[The records]

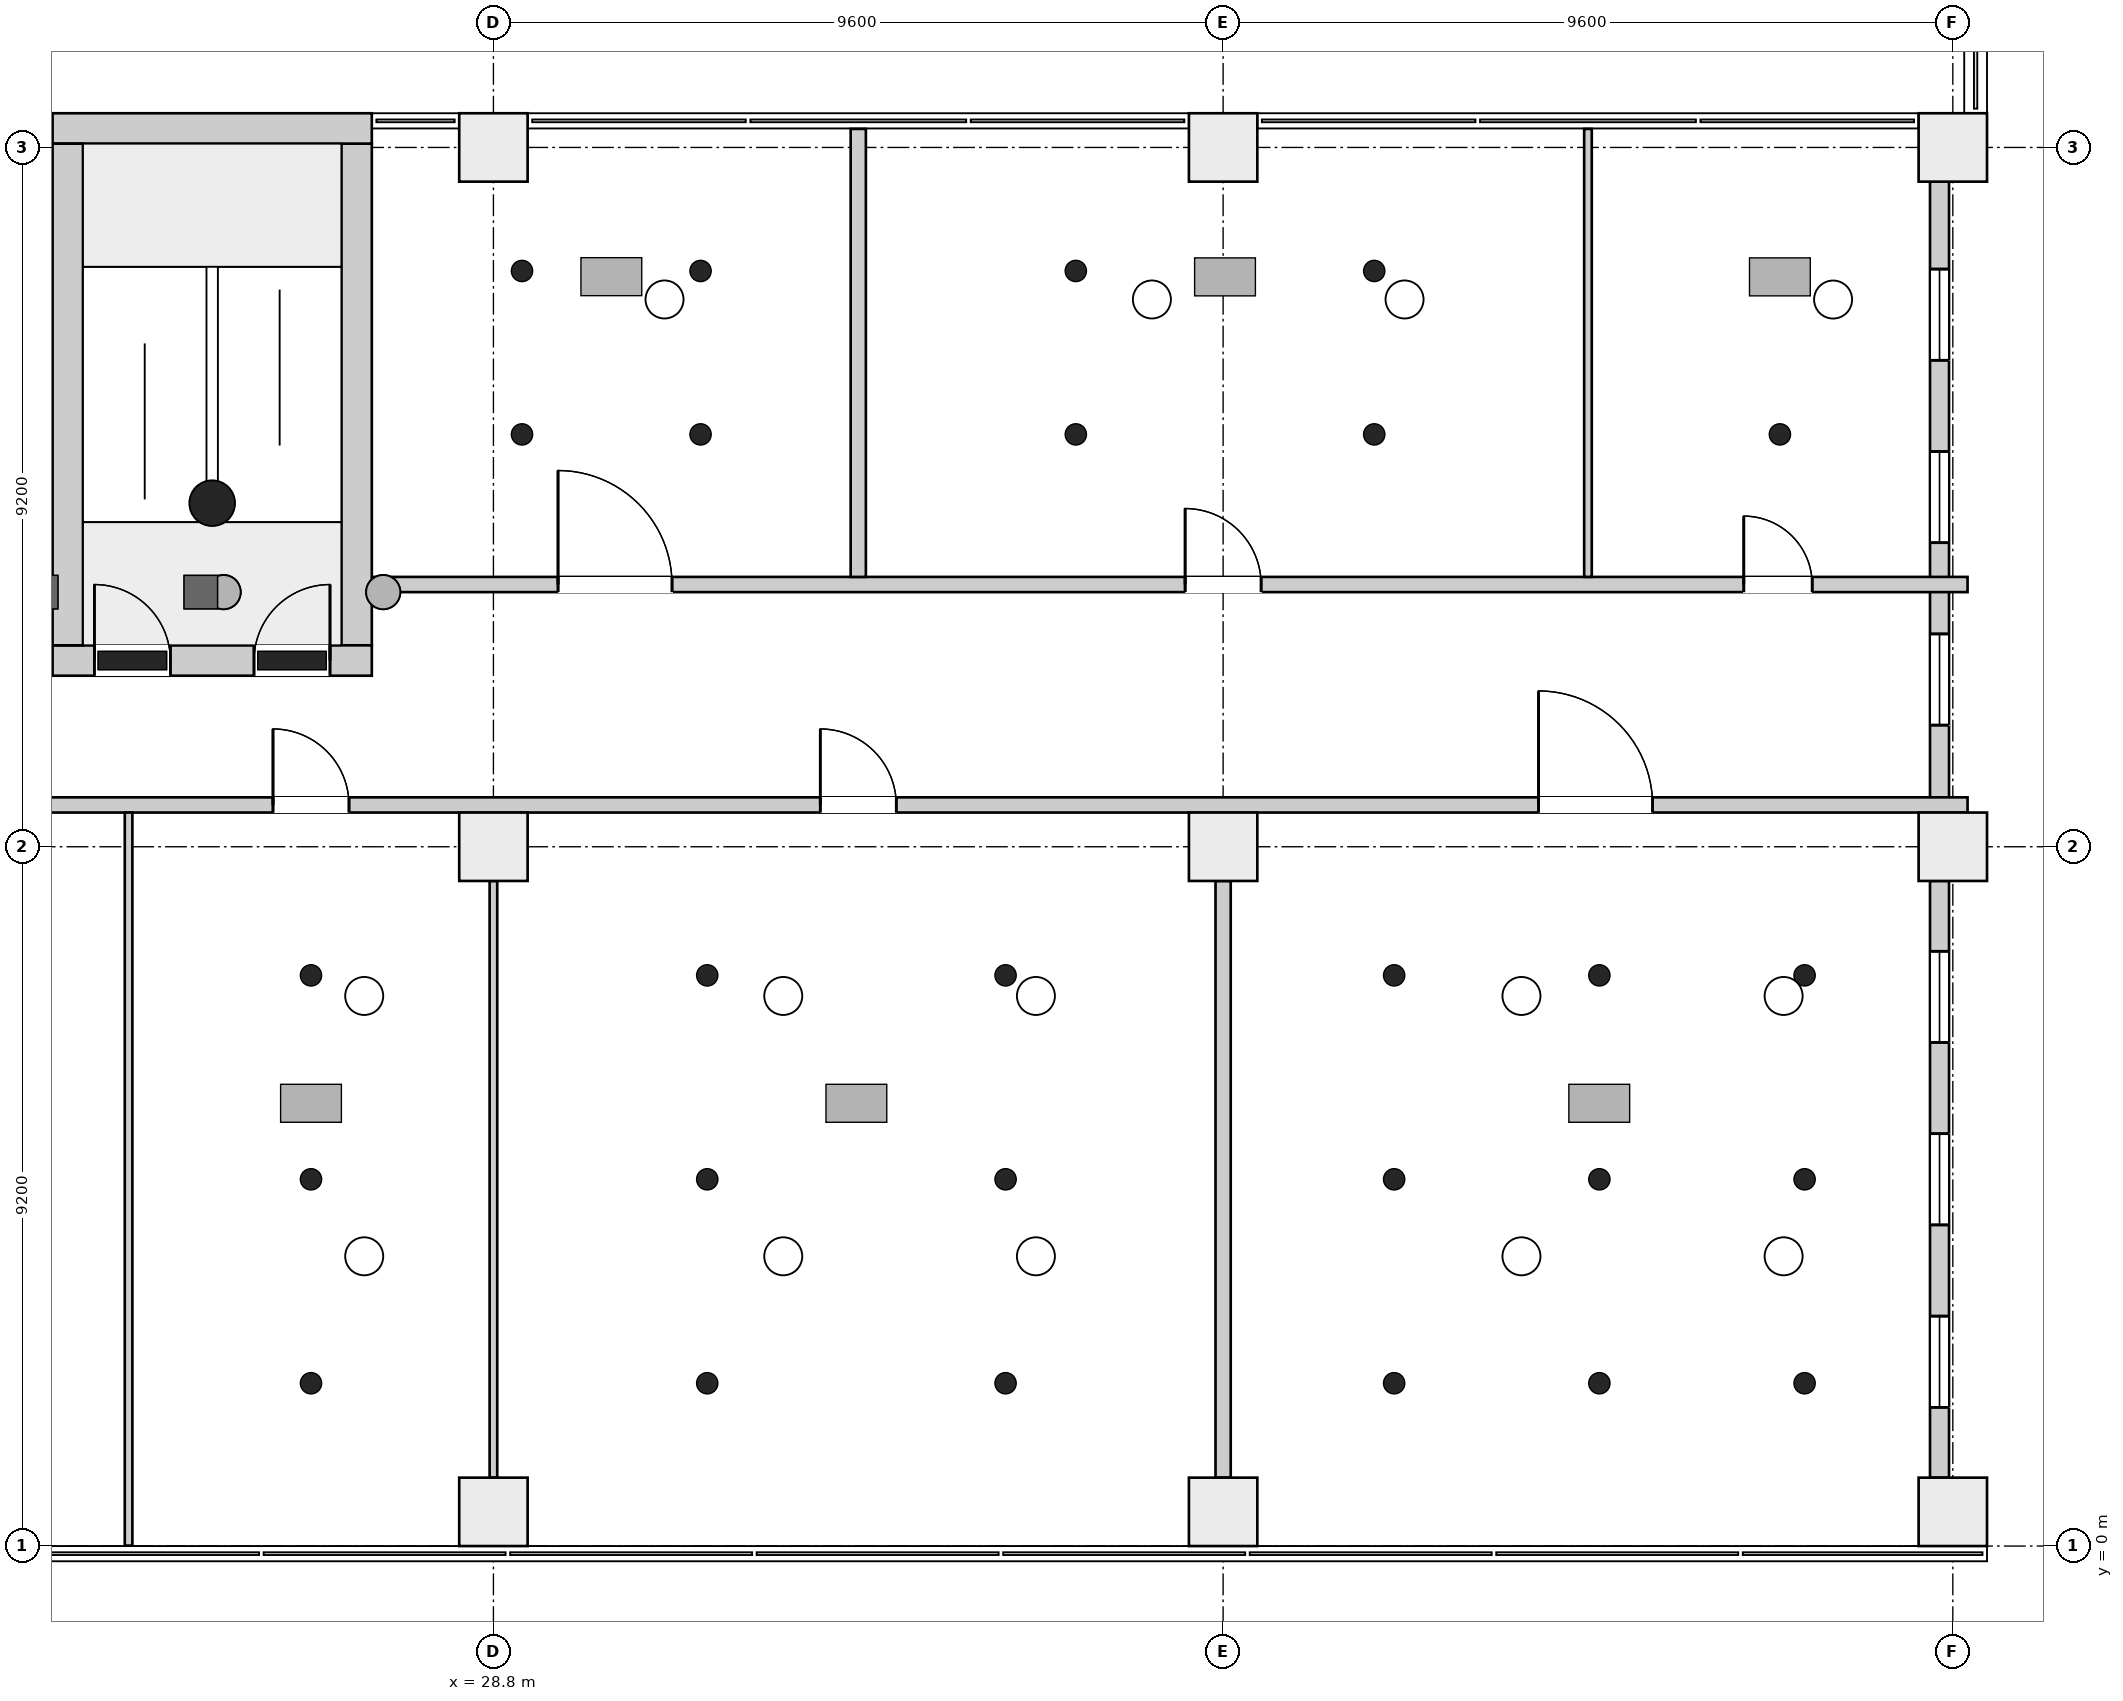
"""IFC4 building model, lengths in metres.
Left out: names, types, materials, properties, quantities, classifications, styles, units other than length and angle.
Written with IfcOpenShell. Run it as: python <this file> out.ifc"""

import sys

from ifc_helpers import new_model, si_unit, direction, frame, frame_2d, origin, origin_2d, place, context, subcontext, project, spatial, rectangle, extrude, element, fill, save


model = new_model("IFC4")
c1 = context("Model", 3, precision=1e-05, world=origin(), true_north=direction((0.0, 1.0)))
c2 = subcontext(c1, "Body", "Model", "MODEL_VIEW")
j1 = project(units=[si_unit("LENGTHUNIT", "METRE"), si_unit("PLANEANGLEUNIT", "RADIAN")], contexts=[c1])
p1 = place(None, origin())
s1 = spatial("IfcSite", under=j1, at=p1, CompositionType="ELEMENT")
p2 = place(p1, origin())
s2 = spatial("IfcBuilding", under=s1, at=p2, CompositionType="ELEMENT")
p3 = place(p2, frame((0.0, 0.0, 44.5)))
s3 = spatial("IfcBuildingStorey", under=s2, at=p3, CompositionType="ELEMENT", Elevation=44.5)
p4 = place(p3, frame((23.0, 11.65, 0.0), z_axis=(0.0, 0.0, 1.0), x_axis=(1.0, 0.0, 0.0)))
e1 = element("IfcWall", 1, at=p4, inside=s3, PredefinedType="SHEAR", context=c2, shape_type="SweptSolid", body=[
    extrude(rectangle(XDim=4.2, YDim=0.4, at=frame_2d((2.1, 0.0))), origin(), (0.0, 0.0, 1.0), 4.2),
])
p5 = place(p4, frame((0.55, 0.0, 0.0)))
e2 = element("IfcOpeningElement", 2, at=p5, cuts=e1, PredefinedType="OPENING", context=c2, shape_type="SweptSolid", body=[
    extrude(rectangle(XDim=1.0, YDim=2.1, at=frame_2d((0.5, 1.05))), frame((0.0, 0.21, 0.0), z_axis=(0.0, -1.0, 0.0), x_axis=(1.0, 0.0, 0.0)), (0.0, 0.0, 1.0), 0.42),
])
p6 = place(p4, frame((2.65, 0.0, 0.0)))
e3 = element("IfcOpeningElement", 3, at=p6, cuts=e1, PredefinedType="OPENING", context=c2, shape_type="SweptSolid", body=[
    extrude(rectangle(XDim=1.0, YDim=2.1, at=frame_2d((0.5, 1.05))), frame((0.0, 0.21, 0.0), z_axis=(0.0, -1.0, 0.0), x_axis=(1.0, 0.0, 0.0)), (0.0, 0.0, 1.0), 0.42),
])
p7 = place(p3, frame((23.0, 18.65, 0.0), z_axis=(0.0, 0.0, 1.0), x_axis=(1.0, 0.0, 0.0)))
e4 = element("IfcWall", 4, at=p7, inside=s3, PredefinedType="SHEAR", context=c2, shape_type="SweptSolid", body=[
    extrude(rectangle(XDim=4.2, YDim=0.4, at=frame_2d((2.1, 0.0))), origin(), (0.0, 0.0, 1.0), 4.2),
])
for number, where, z_axis, x_axis in (
    (5, (23.2, 11.85, 0.0), (0.0, 0.0, 1.0), (0.0, 1.0, 0.0)),
    (6, (27.0, 11.85, 0.0), (0.0, 0.0, 1.0), (0.0, 1.0, 0.0)),
):
    element("IfcWall", number, at=place(p3, frame(where, z_axis=z_axis, x_axis=x_axis)), inside=s3, PredefinedType="SHEAR", context=c2, shape_type="SweptSolid", body=[
        extrude(rectangle(XDim=6.6, YDim=0.4, at=frame_2d((3.3, 0.0))), origin(), (0.0, 0.0, 1.0), 4.2),
    ])
for number, where, z_axis, x_axis in (
    (7, (28.8, 0.45, 0.0), (0.0, 0.0, 1.0), (1.0, 0.0, 0.0)),
    (8, (38.4, 0.45, 0.0), (0.0, 0.0, 1.0), (1.0, 0.0, 0.0)),
    (9, (48.0, 0.45, 0.0), (0.0, 0.0, 1.0), (1.0, 0.0, 0.0)),
    (10, (28.8, 9.2, 0.0), (0.0, 0.0, 1.0), (1.0, 0.0, 0.0)),
    (11, (38.4, 9.2, 0.0), (0.0, 0.0, 1.0), (1.0, 0.0, 0.0)),
    (12, (48.0, 9.2, 0.0), (0.0, 0.0, 1.0), (1.0, 0.0, 0.0)),
    (13, (28.8, 18.4, 0.0), (0.0, 0.0, 1.0), (1.0, 0.0, 0.0)),
    (14, (38.4, 18.4, 0.0), (0.0, 0.0, 1.0), (1.0, 0.0, 0.0)),
    (15, (48.0, 18.4, 0.0), (0.0, 0.0, 1.0), (1.0, 0.0, 0.0)),
):
    element("IfcColumn", number, at=place(p3, frame(where, z_axis=z_axis, x_axis=x_axis)), inside=s3, PredefinedType="COLUMN", context=c2, shape_type="SweptSolid", body=[
        extrude(rectangle(XDim=0.9, YDim=0.9, at=origin_2d()), origin(), (0.0, 0.0, 1.0), 4.2),
    ])
p8 = place(p3, frame((47.825, 0.9, 0.0), z_axis=(0.0, 0.0, 1.0), x_axis=(0.0, 1.0, 0.0)))
e16 = element("IfcWall", 16, at=p8, inside=s3, PredefinedType="ELEMENTEDWALL", context=c2, shape_type="SweptSolid", body=[
    extrude(rectangle(XDim=7.85, YDim=0.25, at=frame_2d((3.925, 0.0))), origin(), (0.0, 0.0, 1.0), 3.3),
])
p9 = place(p8, frame((0.925, 0.0, 0.6)))
e17 = element("IfcOpeningElement", 17, at=p9, cuts=e16, PredefinedType="OPENING", context=c2, shape_type="SweptSolid", body=[
    extrude(rectangle(XDim=1.2, YDim=2.6, at=frame_2d((0.6, 1.3))), frame((0.0, 0.135, 0.0), z_axis=(0.0, -1.0, 0.0), x_axis=(1.0, 0.0, 0.0)), (0.0, 0.0, 1.0), 0.27),
])
p10 = place(p8, frame((3.325, 0.0, 0.6)))
e18 = element("IfcOpeningElement", 18, at=p10, cuts=e16, PredefinedType="OPENING", context=c2, shape_type="SweptSolid", body=[
    extrude(rectangle(XDim=1.2, YDim=2.6, at=frame_2d((0.6, 1.3))), frame((0.0, 0.135, 0.0), z_axis=(0.0, -1.0, 0.0), x_axis=(1.0, 0.0, 0.0)), (0.0, 0.0, 1.0), 0.27),
])
p11 = place(p8, frame((5.725, 0.0, 0.6)))
e19 = element("IfcOpeningElement", 19, at=p11, cuts=e16, PredefinedType="OPENING", context=c2, shape_type="SweptSolid", body=[
    extrude(rectangle(XDim=1.2, YDim=2.6, at=frame_2d((0.6, 1.3))), frame((0.0, 0.135, 0.0), z_axis=(0.0, -1.0, 0.0), x_axis=(1.0, 0.0, 0.0)), (0.0, 0.0, 1.0), 0.27),
])
p12 = place(p3, frame((47.825, 9.65, 0.0), z_axis=(0.0, 0.0, 1.0), x_axis=(0.0, 1.0, 0.0)))
e20 = element("IfcWall", 20, at=p12, inside=s3, PredefinedType="ELEMENTEDWALL", context=c2, shape_type="SweptSolid", body=[
    extrude(rectangle(XDim=8.3, YDim=0.25, at=frame_2d((4.15, 0.0))), origin(), (0.0, 0.0, 1.0), 3.3),
])
p13 = place(p12, frame((1.15, 0.0, 0.6)))
e21 = element("IfcOpeningElement", 21, at=p13, cuts=e20, PredefinedType="OPENING", context=c2, shape_type="SweptSolid", body=[
    extrude(rectangle(XDim=1.2, YDim=2.6, at=frame_2d((0.6, 1.3))), frame((0.0, 0.135, 0.0), z_axis=(0.0, -1.0, 0.0), x_axis=(1.0, 0.0, 0.0)), (0.0, 0.0, 1.0), 0.27),
])
p14 = place(p12, frame((3.55, 0.0, 0.6)))
e22 = element("IfcOpeningElement", 22, at=p14, cuts=e20, PredefinedType="OPENING", context=c2, shape_type="SweptSolid", body=[
    extrude(rectangle(XDim=1.2, YDim=2.6, at=frame_2d((0.6, 1.3))), frame((0.0, 0.135, 0.0), z_axis=(0.0, -1.0, 0.0), x_axis=(1.0, 0.0, 0.0)), (0.0, 0.0, 1.0), 0.27),
])
p15 = place(p12, frame((5.95, 0.0, 0.6)))
e23 = element("IfcOpeningElement", 23, at=p15, cuts=e20, PredefinedType="OPENING", context=c2, shape_type="SweptSolid", body=[
    extrude(rectangle(XDim=1.2, YDim=2.6, at=frame_2d((0.6, 1.3))), frame((0.0, 0.135, 0.0), z_axis=(0.0, -1.0, 0.0), x_axis=(1.0, 0.0, 0.0)), (0.0, 0.0, 1.0), 0.27),
])
p16 = place(p3, frame((4.3, 9.75, 0.0), z_axis=(0.0, 0.0, 1.0), x_axis=(1.0, 0.0, 0.0)))
e24 = element("IfcWall", 24, at=p16, inside=s3, PredefinedType="PARTITIONING", context=c2, shape_type="SweptSolid", body=[
    extrude(rectangle(XDim=43.894, YDim=0.2, at=frame_2d((21.947, 0.0))), origin(), (0.0, 0.0, 1.0), 3.9),
])
p17 = place(p16, frame((2.2, 0.0, 0.0)))
e25 = element("IfcOpeningElement", 25, at=p17, cuts=e24, PredefinedType="OPENING", context=c2, shape_type="SweptSolid", body=[
    extrude(rectangle(XDim=1.0, YDim=2.1, at=frame_2d((0.5, 1.05))), frame((0.0, 0.11, 0.0), z_axis=(0.0, -1.0, 0.0), x_axis=(1.0, 0.0, 0.0)), (0.0, 0.0, 1.0), 0.22),
])
p18 = place(p16, frame((12.0, 0.0, 0.0)))
e26 = element("IfcOpeningElement", 26, at=p18, cuts=e24, PredefinedType="OPENING", context=c2, shape_type="SweptSolid", body=[
    extrude(rectangle(XDim=1.0, YDim=2.1, at=frame_2d((0.5, 1.05))), frame((0.0, 0.11, 0.0), z_axis=(0.0, -1.0, 0.0), x_axis=(1.0, 0.0, 0.0)), (0.0, 0.0, 1.0), 0.22),
])
p19 = place(p16, frame((21.6, 0.0, 0.0)))
e27 = element("IfcOpeningElement", 27, at=p19, cuts=e24, PredefinedType="OPENING", context=c2, shape_type="SweptSolid", body=[
    extrude(rectangle(XDim=1.0, YDim=2.1, at=frame_2d((0.5, 1.05))), frame((0.0, 0.11, 0.0), z_axis=(0.0, -1.0, 0.0), x_axis=(1.0, 0.0, 0.0)), (0.0, 0.0, 1.0), 0.22),
])
p20 = place(p16, frame((28.8, 0.0, 0.0)))
e28 = element("IfcOpeningElement", 28, at=p20, cuts=e24, PredefinedType="OPENING", context=c2, shape_type="SweptSolid", body=[
    extrude(rectangle(XDim=1.0, YDim=2.1, at=frame_2d((0.5, 1.05))), frame((0.0, 0.11, 0.0), z_axis=(0.0, -1.0, 0.0), x_axis=(1.0, 0.0, 0.0)), (0.0, 0.0, 1.0), 0.22),
])
p21 = place(p16, frame((38.25, 0.0, 0.0)))
e29 = element("IfcOpeningElement", 29, at=p21, cuts=e24, PredefinedType="OPENING", context=c2, shape_type="SweptSolid", body=[
    extrude(rectangle(XDim=1.5, YDim=2.1, at=frame_2d((0.75, 1.05))), frame((0.0, 0.11, 0.0), z_axis=(0.0, -1.0, 0.0), x_axis=(1.0, 0.0, 0.0)), (0.0, 0.0, 1.0), 0.22),
])
p22 = place(p3, frame((24.0, 0.006, 0.0), z_axis=(0.0, 0.0, 1.0), x_axis=(0.0, 1.0, 0.0)))
e30 = element("IfcWall", 30, at=p22, inside=s3, PredefinedType="PARTITIONING", context=c2, shape_type="SweptSolid", body=[
    extrude(rectangle(XDim=9.644, YDim=0.1, at=frame_2d((4.822, 0.0))), origin(), (0.0, 0.0, 1.0), 3.9),
])
p23 = place(p3, frame((27.206, 12.65, 0.0), z_axis=(0.0, 0.0, 1.0), x_axis=(1.0, 0.0, 0.0)))
e31 = element("IfcWall", 31, at=p23, inside=s3, PredefinedType="PARTITIONING", context=c2, shape_type="SweptSolid", body=[
    extrude(rectangle(XDim=20.988, YDim=0.2, at=frame_2d((10.494, 0.0))), origin(), (0.0, 0.0, 1.0), 3.9),
])
p24 = place(p23, frame((2.444, 0.0, 0.0)))
e32 = element("IfcOpeningElement", 32, at=p24, cuts=e31, PredefinedType="OPENING", context=c2, shape_type="SweptSolid", body=[
    extrude(rectangle(XDim=1.5, YDim=2.1, at=frame_2d((0.75, 1.05))), frame((0.0, 0.11, 0.0), z_axis=(0.0, -1.0, 0.0), x_axis=(1.0, 0.0, 0.0)), (0.0, 0.0, 1.0), 0.22),
])
p25 = place(p23, frame((10.694, 0.0, 0.0)))
e33 = element("IfcOpeningElement", 33, at=p25, cuts=e31, PredefinedType="OPENING", context=c2, shape_type="SweptSolid", body=[
    extrude(rectangle(XDim=1.0, YDim=2.1, at=frame_2d((0.5, 1.05))), frame((0.0, 0.11, 0.0), z_axis=(0.0, -1.0, 0.0), x_axis=(1.0, 0.0, 0.0)), (0.0, 0.0, 1.0), 0.22),
])
p26 = place(p23, frame((18.044, 0.0, 0.0)))
e34 = element("IfcOpeningElement", 34, at=p26, cuts=e31, PredefinedType="OPENING", context=c2, shape_type="SweptSolid", body=[
    extrude(rectangle(XDim=0.9, YDim=2.1, at=frame_2d((0.45, 1.05))), frame((0.0, 0.11, 0.0), z_axis=(0.0, -1.0, 0.0), x_axis=(1.0, 0.0, 0.0)), (0.0, 0.0, 1.0), 0.22),
])
p27 = place(p3, frame((28.8, 0.9, 0.0), z_axis=(0.0, 0.0, 1.0), x_axis=(0.0, 1.0, 0.0)))
e35 = element("IfcWall", 35, at=p27, inside=s3, PredefinedType="PARTITIONING", context=c2, shape_type="SweptSolid", body=[
    extrude(rectangle(XDim=7.85, YDim=0.1, at=frame_2d((3.925, 0.0))), origin(), (0.0, 0.0, 1.0), 3.9),
])
p28 = place(p3, frame((33.6, 12.75, 0.0), z_axis=(0.0, 0.0, 1.0), x_axis=(0.0, 1.0, 0.0)))
e36 = element("IfcWall", 36, at=p28, inside=s3, PredefinedType="PARTITIONING", context=c2, shape_type="SweptSolid", body=[
    extrude(rectangle(XDim=5.894, YDim=0.2, at=frame_2d((2.947, 0.0))), origin(), (0.0, 0.0, 1.0), 3.9),
])
p29 = place(p3, frame((38.4, 0.9, 0.0), z_axis=(0.0, 0.0, 1.0), x_axis=(0.0, 1.0, 0.0)))
e37 = element("IfcWall", 37, at=p29, inside=s3, PredefinedType="PARTITIONING", context=c2, shape_type="SweptSolid", body=[
    extrude(rectangle(XDim=7.85, YDim=0.2, at=frame_2d((3.925, 0.0))), origin(), (0.0, 0.0, 1.0), 3.9),
])
p30 = place(p3, frame((43.2, 12.75, 0.0), z_axis=(0.0, 0.0, 1.0), x_axis=(0.0, 1.0, 0.0)))
e38 = element("IfcWall", 38, at=p30, inside=s3, PredefinedType="PARTITIONING", context=c2, shape_type="SweptSolid", body=[
    extrude(rectangle(XDim=5.894, YDim=0.1, at=frame_2d((2.947, 0.0))), origin(), (0.0, 0.0, 1.0), 3.9),
])
p31 = place(p9, origin())
e39 = element("IfcWindow", 39, at=p31, inside=s3, PartitioningType="SINGLE_PANEL", PredefinedType="WINDOW", context=c2, shape_type="SweptSolid", body=[
    extrude(rectangle(XDim=1.2, YDim=2.6, at=frame_2d((0.6, 1.3))), frame((0.0, 0.03, 0.0), z_axis=(0.0, -1.0, 0.0), x_axis=(1.0, 0.0, 0.0)), (0.0, 0.0, 1.0), 0.06),
])
fill(e17, e39)
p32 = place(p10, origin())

[/The records]

Task instructions | Could you reproduce, exactly, every line above from the line with "length and angle." to the line with "world=origin(), true_north=direction((0.0, 1.0)))", and no other line? Both ends count.

Response to this task |
Left out: names, types, materials, properties, quantities, classifications, styles, units other than length and angle.
Written with IfcOpenShell. Run it as: python <this file> out.ifc"""

import sys

from ifc_helpers import new_model, si_unit, direction, frame, frame_2d, origin, origin_2d, place, context, subcontext, project, spatial, rectangle, extrude, element, fill, save


model = new_model("IFC4")
c1 = context("Model", 3, precision=1e-05, world=origin(), true_north=direction((0.0, 1.0)))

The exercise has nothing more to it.